Data items:

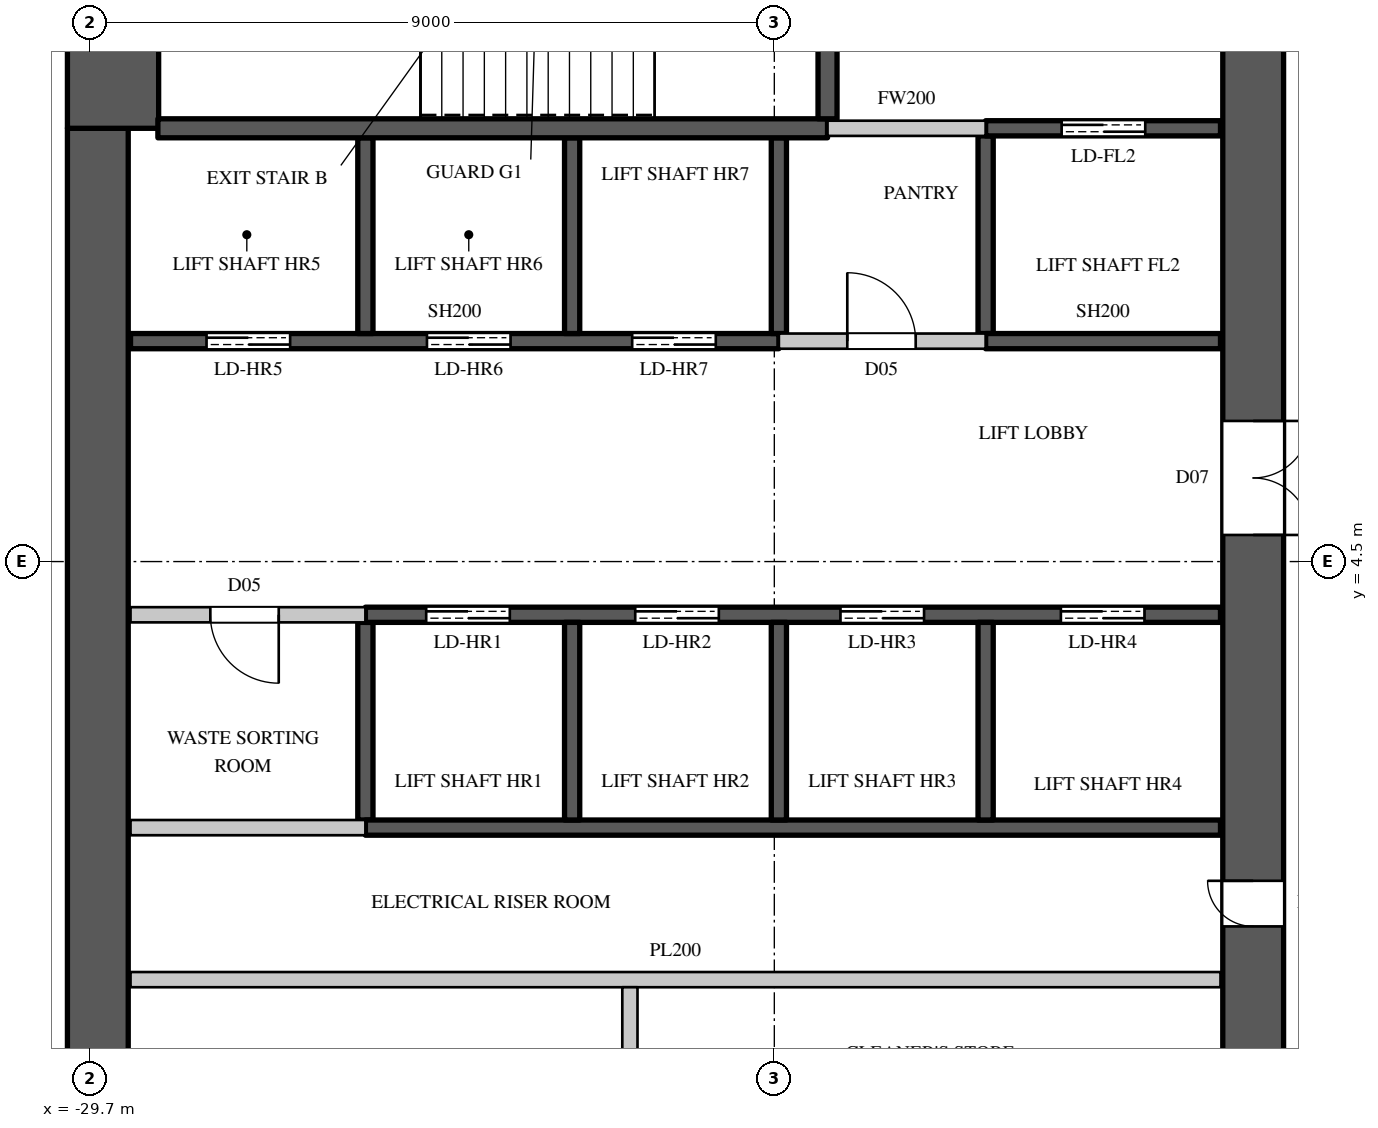
"""IFC4 building model, lengths in metres.
Left out: names, types, materials, properties, quantities, classifications, styles, units other than length and angle.
Written with IfcOpenShell. Run it as: python <this file> out.ifc"""

import sys

from ifc_helpers import new_model, si_unit, direction, frame, frame_2d, origin, place, context, subcontext, project, spatial, rectangle, extrude, element, fill, save


model = new_model("IFC4")
c1 = context("Model", 3, precision=1e-05, world=origin(), true_north=direction((0.0, 1.0)))
c2 = subcontext(c1, "Body", "Model", "MODEL_VIEW")
j1 = project(units=[si_unit("LENGTHUNIT", "METRE"), si_unit("PLANEANGLEUNIT", "RADIAN")], contexts=[c1])
p1 = place(None, origin())
s1 = spatial("IfcSite", under=j1, at=p1, CompositionType="ELEMENT")
p2 = place(p1, origin())
s2 = spatial("IfcBuilding", under=s1, at=p2, CompositionType="ELEMENT")
p3 = place(p2, frame((0.0, 0.0, 164.6)))
s3 = spatial("IfcBuildingStorey", under=s2, at=p3, CompositionType="ELEMENT", Elevation=164.6)
p4 = place(p3, frame((-14.4, -14.8, 0.0), z_axis=(0.0, 0.0, 1.0), x_axis=(0.0, 1.0, 0.0)))
e1 = element("IfcWall", 1, at=p4, inside=s3, PredefinedType="SHEAR", context=c2, shape_type="SweptSolid", body=[
    extrude(rectangle(XDim=29.6, YDim=0.8, at=frame_2d((14.8, 0.0))), origin(), (0.0, 0.0, 1.0), 4.1),
])
p5 = place(p4, frame((1.55, 0.0, 0.0)))
e2 = element("IfcOpeningElement", 2, at=p5, cuts=e1, PredefinedType="OPENING", context=c2, shape_type="SweptSolid", body=[
    extrude(rectangle(XDim=1.5, YDim=2.4, at=frame_2d((0.75, 1.2))), frame((0.0, 0.41, 0.0), z_axis=(0.0, -1.0, 0.0), x_axis=(1.0, 0.0, 0.0)), (0.0, 0.0, 1.0), 0.82),
])
p6 = place(p4, frame((26.55, 0.0, 0.0)))
e3 = element("IfcOpeningElement", 3, at=p6, cuts=e1, PredefinedType="OPENING", context=c2, shape_type="SweptSolid", body=[
    extrude(rectangle(XDim=1.5, YDim=2.4, at=frame_2d((0.75, 1.2))), frame((0.0, 0.41, 0.0), z_axis=(0.0, -1.0, 0.0), x_axis=(1.0, 0.0, 0.0)), (0.0, 0.0, 1.0), 0.82),
])
p7 = place(p4, frame((8.45, 0.0, 0.0)))
e4 = element("IfcOpeningElement", 4, at=p7, cuts=e1, PredefinedType="OPENING", context=c2, shape_type="SweptSolid", body=[
    extrude(rectangle(XDim=1.5, YDim=2.4, at=frame_2d((0.75, 1.2))), frame((0.0, 0.41, 0.0), z_axis=(0.0, -1.0, 0.0), x_axis=(1.0, 0.0, 0.0)), (0.0, 0.0, 1.0), 0.82),
])
p8 = place(p4, frame((19.65, 0.0, 0.0)))
e5 = element("IfcOpeningElement", 5, at=p8, cuts=e1, PredefinedType="OPENING", context=c2, shape_type="SweptSolid", body=[
    extrude(rectangle(XDim=1.5, YDim=2.4, at=frame_2d((0.75, 1.2))), frame((0.0, 0.41, 0.0), z_axis=(0.0, -1.0, 0.0), x_axis=(1.0, 0.0, 0.0)), (0.0, 0.0, 1.0), 0.82),
])
p9 = place(p4, frame((14.5, 0.0, 0.0)))
e6 = element("IfcOpeningElement", 6, at=p9, cuts=e1, PredefinedType="OPENING", context=c2, shape_type="SweptSolid", body=[
    extrude(rectangle(XDim=0.6, YDim=2.0, at=frame_2d((0.3, 1.0))), frame((0.0, 0.41, 0.0), z_axis=(0.0, -1.0, 0.0), x_axis=(1.0, 0.0, 0.0)), (0.0, 0.0, 1.0), 0.82),
])
p10 = place(p3, frame((-29.6, -10.2, 0.0), z_axis=(0.0, 0.0, 1.0), x_axis=(0.0, 1.0, 0.0)))
e7 = element("IfcWall", 7, at=p10, inside=s3, PredefinedType="SHEAR", context=c2, shape_type="SweptSolid", body=[
    extrude(rectangle(XDim=20.4, YDim=0.8, at=frame_2d((10.2, 0.0))), origin(), (0.0, 0.0, 1.0), 4.1),
])
p11 = place(p3, frame((-29.4, 10.2, 0.0), z_axis=(0.0, 0.0, 1.0), x_axis=(0.0, 1.0, 0.0)))
e8 = element("IfcWall", 8, at=p11, inside=s3, PredefinedType="SHEAR", context=c2, shape_type="SweptSolid", body=[
    extrude(rectangle(XDim=4.6, YDim=1.2, at=frame_2d((2.3, 0.0))), origin(), (0.0, 0.0, 1.0), 4.1),
])
p12 = place(p3, frame((-29.17, 3.8, 0.0), z_axis=(0.0, 0.0, 1.0), x_axis=(1.0, 0.0, 0.0)))
e9 = element("IfcWall", 9, at=p12, inside=s3, PredefinedType="PARTITIONING", context=c2, shape_type="SweptSolid", body=[
    extrude(rectangle(XDim=3.09, YDim=0.2, at=frame_2d((1.545, 0.0))), origin(), (0.0, 0.0, 1.0), 3.8),
])
p13 = place(p12, frame((1.05, 0.0, 0.0)))
e10 = element("IfcOpeningElement", 10, at=p13, cuts=e9, PredefinedType="OPENING", context=c2, shape_type="SweptSolid", body=[
    extrude(rectangle(XDim=0.9, YDim=2.2, at=frame_2d((0.45, 1.1))), frame((0.0, 0.11, 0.0), z_axis=(0.0, -1.0, 0.0), x_axis=(1.0, 0.0, 0.0)), (0.0, 0.0, 1.0), 0.22),
])
p14 = place(p3, frame((-20.64, 7.4, 0.0), z_axis=(0.0, 0.0, 1.0), x_axis=(1.0, 0.0, 0.0)))
e11 = element("IfcWall", 11, at=p14, inside=s3, PredefinedType="PARTITIONING", context=c2, shape_type="SweptSolid", body=[
    extrude(rectangle(XDim=2.72, YDim=0.2, at=frame_2d((1.36, 0.0))), origin(), (0.0, 0.0, 1.0), 3.8),
])
p15 = place(p14, frame((0.9, 0.0, 0.0)))
e12 = element("IfcOpeningElement", 12, at=p15, cuts=e11, PredefinedType="OPENING", context=c2, shape_type="SweptSolid", body=[
    extrude(rectangle(XDim=0.9, YDim=2.2, at=frame_2d((0.45, 1.1))), frame((0.0, 0.11, 0.0), z_axis=(0.0, -1.0, 0.0), x_axis=(1.0, 0.0, 0.0)), (0.0, 0.0, 1.0), 0.22),
])
p16 = place(p3, frame((-20.0, 10.2, 0.0), z_axis=(0.0, 0.0, 1.0), x_axis=(1.0, 0.0, 0.0)))
e13 = element("IfcWall", 13, at=p16, inside=s3, PredefinedType="PARTITIONING", context=c2, shape_type="SweptSolid", body=[
    extrude(rectangle(XDim=2.08, YDim=0.2, at=frame_2d((1.04, 0.0))), origin(), (0.0, 0.0, 1.0), 3.8),
])
p17 = place(p3, frame((-29.17, -1.0, 0.0), z_axis=(0.0, 0.0, 1.0), x_axis=(1.0, 0.0, 0.0)))
e14 = element("IfcWall", 14, at=p17, inside=s3, PredefinedType="PARTITIONING", context=c2, shape_type="SweptSolid", body=[
    extrude(rectangle(XDim=14.34, YDim=0.2, at=frame_2d((7.17, 0.0))), origin(), (0.0, 0.0, 1.0), 3.8),
])
p18 = place(p3, frame((-29.17, 1.0, 0.0), z_axis=(0.0, 0.0, 1.0), x_axis=(1.0, 0.0, 0.0)))
e15 = element("IfcWall", 15, at=p18, inside=s3, PredefinedType="PARTITIONING", context=c2, shape_type="SweptSolid", body=[
    extrude(rectangle(XDim=3.09, YDim=0.2, at=frame_2d((1.545, 0.0))), origin(), (0.0, 0.0, 1.0), 3.8),
])
p19 = place(p3, frame((-22.6, -3.7, 0.0), z_axis=(0.0, 0.0, 1.0), x_axis=(0.0, 1.0, 0.0)))
e16 = element("IfcWall", 16, at=p19, inside=s3, PredefinedType="PARTITIONING", context=c2, shape_type="SweptSolid", body=[
    extrude(rectangle(XDim=2.6, YDim=0.2, at=frame_2d((1.3, 0.0))), origin(), (0.0, 0.0, 1.0), 3.8),
])
p20 = place(p3, frame((-29.17, 7.4, 0.0), z_axis=(0.0, 0.0, 1.0), x_axis=(1.0, 0.0, 0.0)))
e17 = element("IfcWall", 17, at=p20, inside=s3, PredefinedType="SHEAR", context=c2, shape_type="SweptSolid", body=[
    extrude(rectangle(XDim=8.53, YDim=0.2, at=frame_2d((4.265, 0.0))), origin(), (0.0, 0.0, 1.0), 3.8),
])
p21 = place(p20, frame((1.0, 0.0, 0.0)))
e18 = element("IfcOpeningElement", 18, at=p21, cuts=e17, PredefinedType="OPENING", context=c2, shape_type="SweptSolid", body=[
    extrude(rectangle(XDim=1.1, YDim=2.2, at=frame_2d((0.55, 1.1))), frame((0.0, 0.11, 0.0), z_axis=(0.0, -1.0, 0.0), x_axis=(1.0, 0.0, 0.0)), (0.0, 0.0, 1.0), 0.22),
])
p22 = place(p20, frame((3.9, 0.0, 0.0)))
e19 = element("IfcOpeningElement", 19, at=p22, cuts=e17, PredefinedType="OPENING", context=c2, shape_type="SweptSolid", body=[
    extrude(rectangle(XDim=1.1, YDim=2.2, at=frame_2d((0.55, 1.1))), frame((0.0, 0.11, 0.0), z_axis=(0.0, -1.0, 0.0), x_axis=(1.0, 0.0, 0.0)), (0.0, 0.0, 1.0), 0.22),
])
p23 = place(p20, frame((6.6, 0.0, 0.0)))
e20 = element("IfcOpeningElement", 20, at=p23, cuts=e17, PredefinedType="OPENING", context=c2, shape_type="SweptSolid", body=[
    extrude(rectangle(XDim=1.1, YDim=2.2, at=frame_2d((0.55, 1.1))), frame((0.0, 0.11, 0.0), z_axis=(0.0, -1.0, 0.0), x_axis=(1.0, 0.0, 0.0)), (0.0, 0.0, 1.0), 0.22),
])
p24 = place(p3, frame((-26.08, 1.1, 0.0), z_axis=(0.0, 0.0, 1.0), x_axis=(0.0, 1.0, 0.0)))
e21 = element("IfcWall", 21, at=p24, inside=s3, PredefinedType="SHEAR", context=c2, shape_type="SweptSolid", body=[
    extrude(rectangle(XDim=2.6, YDim=0.2, at=frame_2d((1.3, 0.0))), origin(), (0.0, 0.0, 1.0), 3.8),
])
p25 = place(p3, frame((-26.08, 1.0, 0.0), z_axis=(0.0, 0.0, 1.0), x_axis=(1.0, 0.0, 0.0)))
e22 = element("IfcWall", 22, at=p25, inside=s3, PredefinedType="SHEAR", context=c2, shape_type="SweptSolid", body=[
    extrude(rectangle(XDim=11.25, YDim=0.2, at=frame_2d((5.625, 0.0))), origin(), (0.0, 0.0, 1.0), 3.8),
])
p26 = place(p3, frame((-26.08, 3.8, 0.0), z_axis=(0.0, 0.0, 1.0), x_axis=(1.0, 0.0, 0.0)))
e23 = element("IfcWall", 23, at=p26, inside=s3, PredefinedType="SHEAR", context=c2, shape_type="SweptSolid", body=[
    extrude(rectangle(XDim=11.25, YDim=0.2, at=frame_2d((5.625, 0.0))), origin(), (0.0, 0.0, 1.0), 3.8),
])
p27 = place(p26, frame((0.8, 0.0, 0.0)))
e24 = element("IfcOpeningElement", 24, at=p27, cuts=e23, PredefinedType="OPENING", context=c2, shape_type="SweptSolid", body=[
    extrude(rectangle(XDim=1.1, YDim=2.2, at=frame_2d((0.55, 1.1))), frame((0.0, 0.11, 0.0), z_axis=(0.0, -1.0, 0.0), x_axis=(1.0, 0.0, 0.0)), (0.0, 0.0, 1.0), 0.22),
])
p28 = place(p26, frame((3.55, 0.0, 0.0)))
e25 = element("IfcOpeningElement", 25, at=p28, cuts=e23, PredefinedType="OPENING", context=c2, shape_type="SweptSolid", body=[
    extrude(rectangle(XDim=1.1, YDim=2.2, at=frame_2d((0.55, 1.1))), frame((0.0, 0.11, 0.0), z_axis=(0.0, -1.0, 0.0), x_axis=(1.0, 0.0, 0.0)), (0.0, 0.0, 1.0), 0.22),
])
p29 = place(p26, frame((6.25, 0.0, 0.0)))
e26 = element("IfcOpeningElement", 26, at=p29, cuts=e23, PredefinedType="OPENING", context=c2, shape_type="SweptSolid", body=[
    extrude(rectangle(XDim=1.1, YDim=2.2, at=frame_2d((0.55, 1.1))), frame((0.0, 0.11, 0.0), z_axis=(0.0, -1.0, 0.0), x_axis=(1.0, 0.0, 0.0)), (0.0, 0.0, 1.0), 0.22),
])
p30 = place(p26, frame((9.15, 0.0, 0.0)))
e27 = element("IfcOpeningElement", 27, at=p30, cuts=e23, PredefinedType="OPENING", context=c2, shape_type="SweptSolid", body=[
    extrude(rectangle(XDim=1.1, YDim=2.2, at=frame_2d((0.55, 1.1))), frame((0.0, 0.11, 0.0), z_axis=(0.0, -1.0, 0.0), x_axis=(1.0, 0.0, 0.0)), (0.0, 0.0, 1.0), 0.22),
])
p31 = place(p3, frame((-26.08, 7.5, 0.0), z_axis=(0.0, 0.0, 1.0), x_axis=(0.0, 1.0, 0.0)))
e28 = element("IfcWall", 28, at=p31, inside=s3, PredefinedType="SHEAR", context=c2, shape_type="SweptSolid", body=[
    extrude(rectangle(XDim=2.575, YDim=0.2, at=frame_2d((1.288, 0.0))), origin(), (0.0, 0.0, 1.0), 4.1),
])
p32 = place(p3, frame((-23.36, 1.1, 0.0), z_axis=(0.0, 0.0, 1.0), x_axis=(0.0, 1.0, 0.0)))
e29 = element("IfcWall", 29, at=p32, inside=s3, PredefinedType="SHEAR", context=c2, shape_type="SweptSolid", body=[
    extrude(rectangle(XDim=2.6, YDim=0.2, at=frame_2d((1.3, 0.0))), origin(), (0.0, 0.0, 1.0), 4.1),
])
p33 = place(p3, frame((-23.36, 7.5, 0.0), z_axis=(0.0, 0.0, 1.0), x_axis=(0.0, 1.0, 0.0)))
e30 = element("IfcWall", 30, at=p33, inside=s3, PredefinedType="SHEAR", context=c2, shape_type="SweptSolid", body=[
    extrude(rectangle(XDim=2.575, YDim=0.2, at=frame_2d((1.288, 0.0))), origin(), (0.0, 0.0, 1.0), 4.1),
])
p34 = place(p3, frame((-20.64, 1.1, 0.0), z_axis=(0.0, 0.0, 1.0), x_axis=(0.0, 1.0, 0.0)))
e31 = element("IfcWall", 31, at=p34, inside=s3, PredefinedType="SHEAR", context=c2, shape_type="SweptSolid", body=[
    extrude(rectangle(XDim=2.6, YDim=0.2, at=frame_2d((1.3, 0.0))), origin(), (0.0, 0.0, 1.0), 4.1),
])
p35 = place(p3, frame((-20.64, 7.5, 0.0), z_axis=(0.0, 0.0, 1.0), x_axis=(0.0, 1.0, 0.0)))
e32 = element("IfcWall", 32, at=p35, inside=s3, PredefinedType="SHEAR", context=c2, shape_type="SweptSolid", body=[
    extrude(rectangle(XDim=2.575, YDim=0.2, at=frame_2d((1.288, 0.0))), origin(), (0.0, 0.0, 1.0), 3.8),
])
p36 = place(p3, frame((-17.92, 1.1, 0.0), z_axis=(0.0, 0.0, 1.0), x_axis=(0.0, 1.0, 0.0)))
e33 = element("IfcWall", 33, at=p36, inside=s3, PredefinedType="SHEAR", context=c2, shape_type="SweptSolid", body=[
    extrude(rectangle(XDim=2.6, YDim=0.2, at=frame_2d((1.3, 0.0))), origin(), (0.0, 0.0, 1.0), 4.1),
])
p37 = place(p3, frame((-17.92, 7.5, 0.0), z_axis=(0.0, 0.0, 1.0), x_axis=(0.0, 1.0, 0.0)))
e34 = element("IfcWall", 34, at=p37, inside=s3, PredefinedType="SHEAR", context=c2, shape_type="SweptSolid", body=[
    extrude(rectangle(XDim=2.6, YDim=0.2, at=frame_2d((1.3, 0.0))), origin(), (0.0, 0.0, 1.0), 3.8),
])
p38 = place(p3, frame((-17.92, 7.4, 0.0), z_axis=(0.0, 0.0, 1.0), x_axis=(1.0, 0.0, 0.0)))
e35 = element("IfcWall", 35, at=p38, inside=s3, PredefinedType="SHEAR", context=c2, shape_type="SweptSolid", body=[
    extrude(rectangle(XDim=3.09, YDim=0.2, at=frame_2d((1.545, 0.0))), origin(), (0.0, 0.0, 1.0), 3.8),
])
p39 = place(p3, frame((-17.92, 10.2, 0.0), z_axis=(0.0, 0.0, 1.0), x_axis=(1.0, 0.0, 0.0)))
e36 = element("IfcWall", 36, at=p39, inside=s3, PredefinedType="SHEAR", context=c2, shape_type="SweptSolid", body=[
    extrude(rectangle(XDim=3.09, YDim=0.2, at=frame_2d((1.545, 0.0))), origin(), (0.0, 0.0, 1.0), 3.8),
])
p40 = place(p39, frame((1.0, 0.0, 0.0)))
e37 = element("IfcOpeningElement", 37, at=p40, cuts=e36, PredefinedType="OPENING", context=c2, shape_type="SweptSolid", body=[
    extrude(rectangle(XDim=1.1, YDim=2.2, at=frame_2d((0.55, 1.1))), frame((0.0, 0.11, 0.0), z_axis=(0.0, -1.0, 0.0), x_axis=(1.0, 0.0, 0.0)), (0.0, 0.0, 1.0), 0.22),
])
p41 = place(p3, frame((-28.81, 10.2, 0.0), z_axis=(0.0, 0.0, 1.0), x_axis=(1.0, 0.0, 0.0)))
e38 = element("IfcWall", 38, at=p41, inside=s3, PredefinedType="SHEAR", context=c2, shape_type="SweptSolid", body=[
    extrude(rectangle(XDim=8.81, YDim=0.25, at=frame_2d((4.405, 0.0))), origin(), (0.0, 0.0, 1.0), 3.8),
])
p42 = place(p3, frame((-20.0, 10.325, 0.0), z_axis=(0.0, 0.0, 1.0), x_axis=(0.0, 1.0, 0.0)))
e39 = element("IfcWall", 39, at=p42, inside=s3, PredefinedType="SHEAR", context=c2, shape_type="SweptSolid", body=[
    extrude(rectangle(XDim=4.445, YDim=0.25, at=frame_2d((2.223, 0.0))), origin(), (0.0, 0.0, 1.0), 3.8),
])
p43 = place(p42, frame((1.65, 0.0, 0.0)))
e40 = element("IfcOpeningElement", 40, at=p43, cuts=e39, PredefinedType="OPENING", context=c2, shape_type="SweptSolid", body=[
    extrude(rectangle(XDim=1.1, YDim=2.2, at=frame_2d((0.55, 1.1))), frame((0.0, 0.135, 0.0), z_axis=(0.0, -1.0, 0.0), x_axis=(1.0, 0.0, 0.0)), (0.0, 0.0, 1.0), 0.27),
])
p44 = place(p13, origin())
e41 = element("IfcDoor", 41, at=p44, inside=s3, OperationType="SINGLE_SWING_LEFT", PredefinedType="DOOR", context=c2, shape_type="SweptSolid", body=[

Problem to solve:
Check each line of the records above, and copy those that hold the word "subcontext".

Your solution:
from ifc_helpers import new_model, si_unit, direction, frame, frame_2d, origin, place, context, subcontext, project, spatial, rectangle, extrude, element, fill, save
c2 = subcontext(c1, "Body", "Model", "MODEL_VIEW")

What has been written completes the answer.